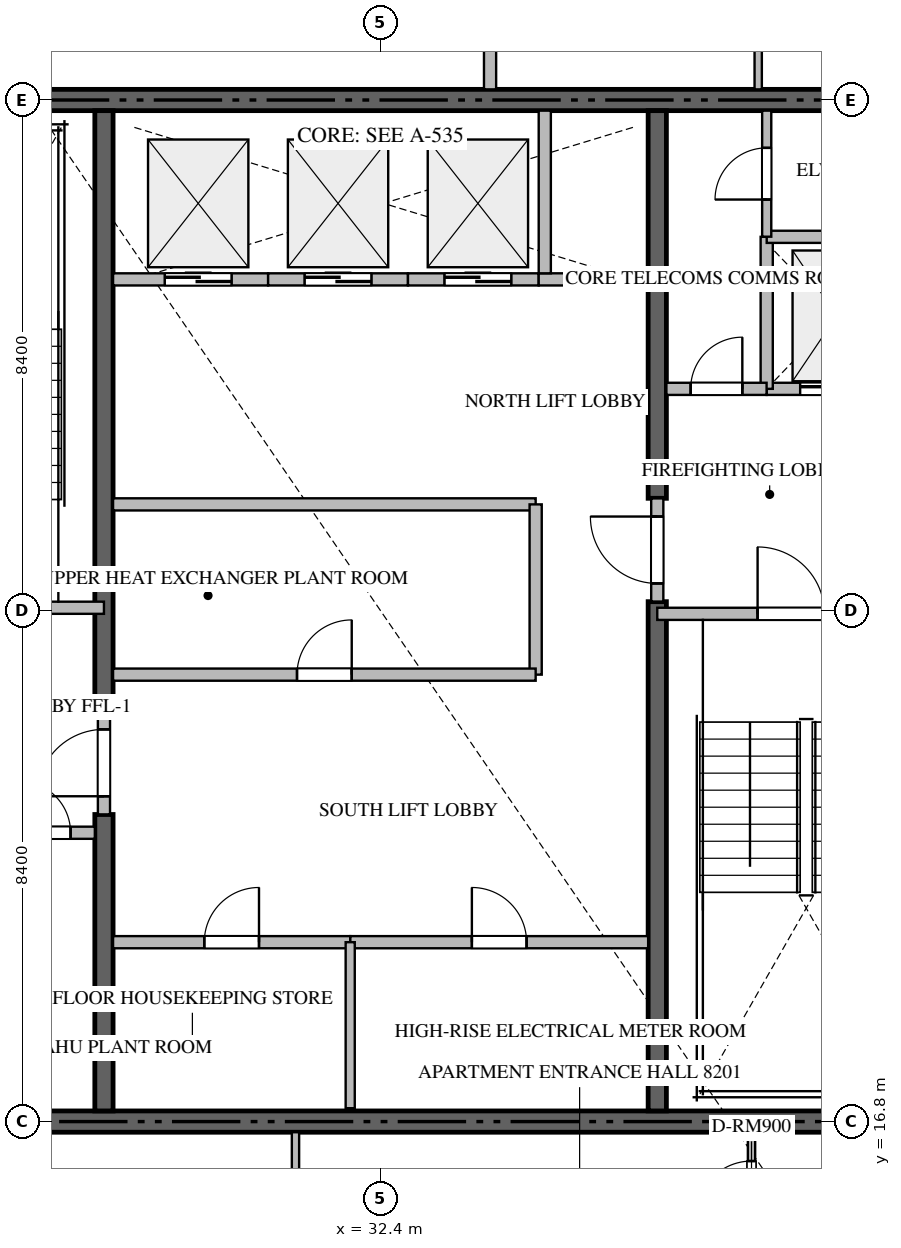
"""IFC4 building model, lengths in metres.
Left out: names, types, materials, properties, quantities, classifications, styles, units other than length and angle.
Written with IfcOpenShell. Run it as: python <this file> out.ifc"""

import sys

from ifc_helpers import new_model, si_unit, direction, frame, frame_2d, origin, place, context, subcontext, project, spatial, rectangle, extrude, source, transform, mapped, element, fill, save


model = new_model("IFC4")
c1 = context("Model", 3, precision=1e-05, world=origin(), true_north=direction((0.0, 1.0)))
c2 = subcontext(c1, "Body", "Model", "MODEL_VIEW")
j1 = project(units=[si_unit("LENGTHUNIT", "METRE"), si_unit("PLANEANGLEUNIT", "RADIAN")], contexts=[c1])
p1 = place(None, origin())
s1 = spatial("IfcSite", under=j1, at=p1, CompositionType="ELEMENT")
p2 = place(p1, origin())
s2 = spatial("IfcBuilding", under=s1, at=p2, CompositionType="ELEMENT")
p3 = place(p2, frame((0.0, 0.0, 329.9)))
s3 = spatial("IfcBuildingStorey", under=s2, at=p3, CompositionType="ELEMENT", Elevation=329.9)
for number, where, z_axis, x_axis in (
    (1, (23.4, 16.8, -0.26), (0.0, 0.0, 1.0), (1.0, 0.0, 0.0)),
    (2, (41.4, 33.6, -0.26), (0.0, 0.0, 1.0), (-1.0, 0.0, 0.0)),
):
    element("IfcWall", number, at=place(p3, frame(where, z_axis=z_axis, x_axis=x_axis)), inside=s3, PredefinedType="SHEAR", context=c2, shape_type="SweptSolid", body=[
        extrude(rectangle(XDim=18.0, YDim=0.35, at=frame_2d((9.0, 0.0))), origin(), (0.0, 0.0, 1.0), 4.048),
    ])
p4 = place(p3, frame((27.85, 16.975, -0.26), z_axis=(0.0, 0.0, 1.0), x_axis=(0.0, 1.0, 0.0)))
e3 = element("IfcWall", 3, at=p4, inside=s3, PredefinedType="SHEAR", context=c2, shape_type="SweptSolid", body=[
    extrude(rectangle(XDim=4.875, YDim=0.3, at=frame_2d((2.438, 0.0))), origin(), (0.0, 0.0, 1.0), 4.048),
])
p5 = place(p3, frame((27.85, 23.55, -0.26), z_axis=(0.0, 0.0, 1.0), x_axis=(0.0, 1.0, 0.0)))
e4 = element("IfcWall", 4, at=p5, inside=s3, PredefinedType="SHEAR", context=c2, shape_type="SweptSolid", body=[
    extrude(rectangle(XDim=9.875, YDim=0.3, at=frame_2d((4.938, 0.0))), origin(), (0.0, 0.0, 1.0), 4.048),
])
p6 = place(p3, frame((36.95, 16.975, -0.26), z_axis=(0.0, 0.0, 1.0), x_axis=(0.0, 1.0, 0.0)))
e5 = element("IfcWall", 5, at=p6, inside=s3, PredefinedType="SHEAR", context=c2, shape_type="SweptSolid", body=[
    extrude(rectangle(XDim=8.375, YDim=0.3, at=frame_2d((4.188, 0.0))), origin(), (0.0, 0.0, 1.0), 4.048),
])
p7 = place(p3, frame((36.95, 27.05, -0.26), z_axis=(0.0, 0.0, 1.0), x_axis=(0.0, 1.0, 0.0)))
e6 = element("IfcWall", 6, at=p7, inside=s3, PredefinedType="SHEAR", context=c2, shape_type="SweptSolid", body=[
    extrude(rectangle(XDim=6.375, YDim=0.3, at=frame_2d((3.188, 0.0))), origin(), (0.0, 0.0, 1.0), 4.048),
])
p8 = place(p3, frame((23.4, 25.25, 0.0), z_axis=(0.0, 0.0, 1.0), x_axis=(1.0, 0.0, 0.0)))
e7 = element("IfcWall", 7, at=p8, inside=s3, PredefinedType="STANDARD", context=c2, shape_type="SweptSolid", body=[
    extrude(rectangle(XDim=4.45, YDim=0.2, at=frame_2d((2.225, 0.0))), origin(), (0.0, 0.0, 1.0), 3.79),
])
p9 = place(p8, frame((1.65, 0.0, 0.0)))
e8 = element("IfcOpeningElement", 8, at=p9, cuts=e7, PredefinedType="OPENING", context=c2, shape_type="SweptSolid", body=[
    extrude(rectangle(XDim=1.1, YDim=2.15, at=frame_2d((0.55, 1.075))), frame((0.0, 0.11, 0.0), z_axis=(0.0, -1.0, 0.0), x_axis=(1.0, 0.0, 0.0)), (0.0, 0.0, 1.0), 0.22),
])
p10 = place(p3, frame((36.95, 25.15, 0.0), z_axis=(0.0, 0.0, 1.0), x_axis=(1.0, 0.0, 0.0)))
e9 = element("IfcWall", 9, at=p10, inside=s3, PredefinedType="STANDARD", context=c2, shape_type="SweptSolid", body=[
    extrude(rectangle(XDim=4.45, YDim=0.2, at=frame_2d((2.225, 0.0))), origin(), (0.0, 0.0, 1.0), 3.79),
])
p11 = place(p10, frame((1.65, 0.0, 0.0)))
e10 = element("IfcOpeningElement", 10, at=p11, cuts=e9, PredefinedType="OPENING", context=c2, shape_type="SweptSolid", body=[
    extrude(rectangle(XDim=1.1, YDim=2.15, at=frame_2d((0.55, 1.075))), frame((0.0, 0.11, 0.0), z_axis=(0.0, -1.0, 0.0), x_axis=(1.0, 0.0, 0.0)), (0.0, 0.0, 1.0), 0.22),
])
p12 = place(p3, frame((38.75, 28.85, 0.0), z_axis=(0.0, 0.0, 1.0), x_axis=(1.0, 0.0, 0.0)))
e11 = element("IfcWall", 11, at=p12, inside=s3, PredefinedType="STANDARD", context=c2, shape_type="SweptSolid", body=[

**Try it**
Whenever the word "units" occurs in a line of the listing above, return that line.

**Your solution**
Left out: names, types, materials, properties, quantities, classifications, styles, units other than length and angle.
j1 = project(units=[si_unit("LENGTHUNIT", "METRE"), si_unit("PLANEANGLEUNIT", "RADIAN")], contexts=[c1])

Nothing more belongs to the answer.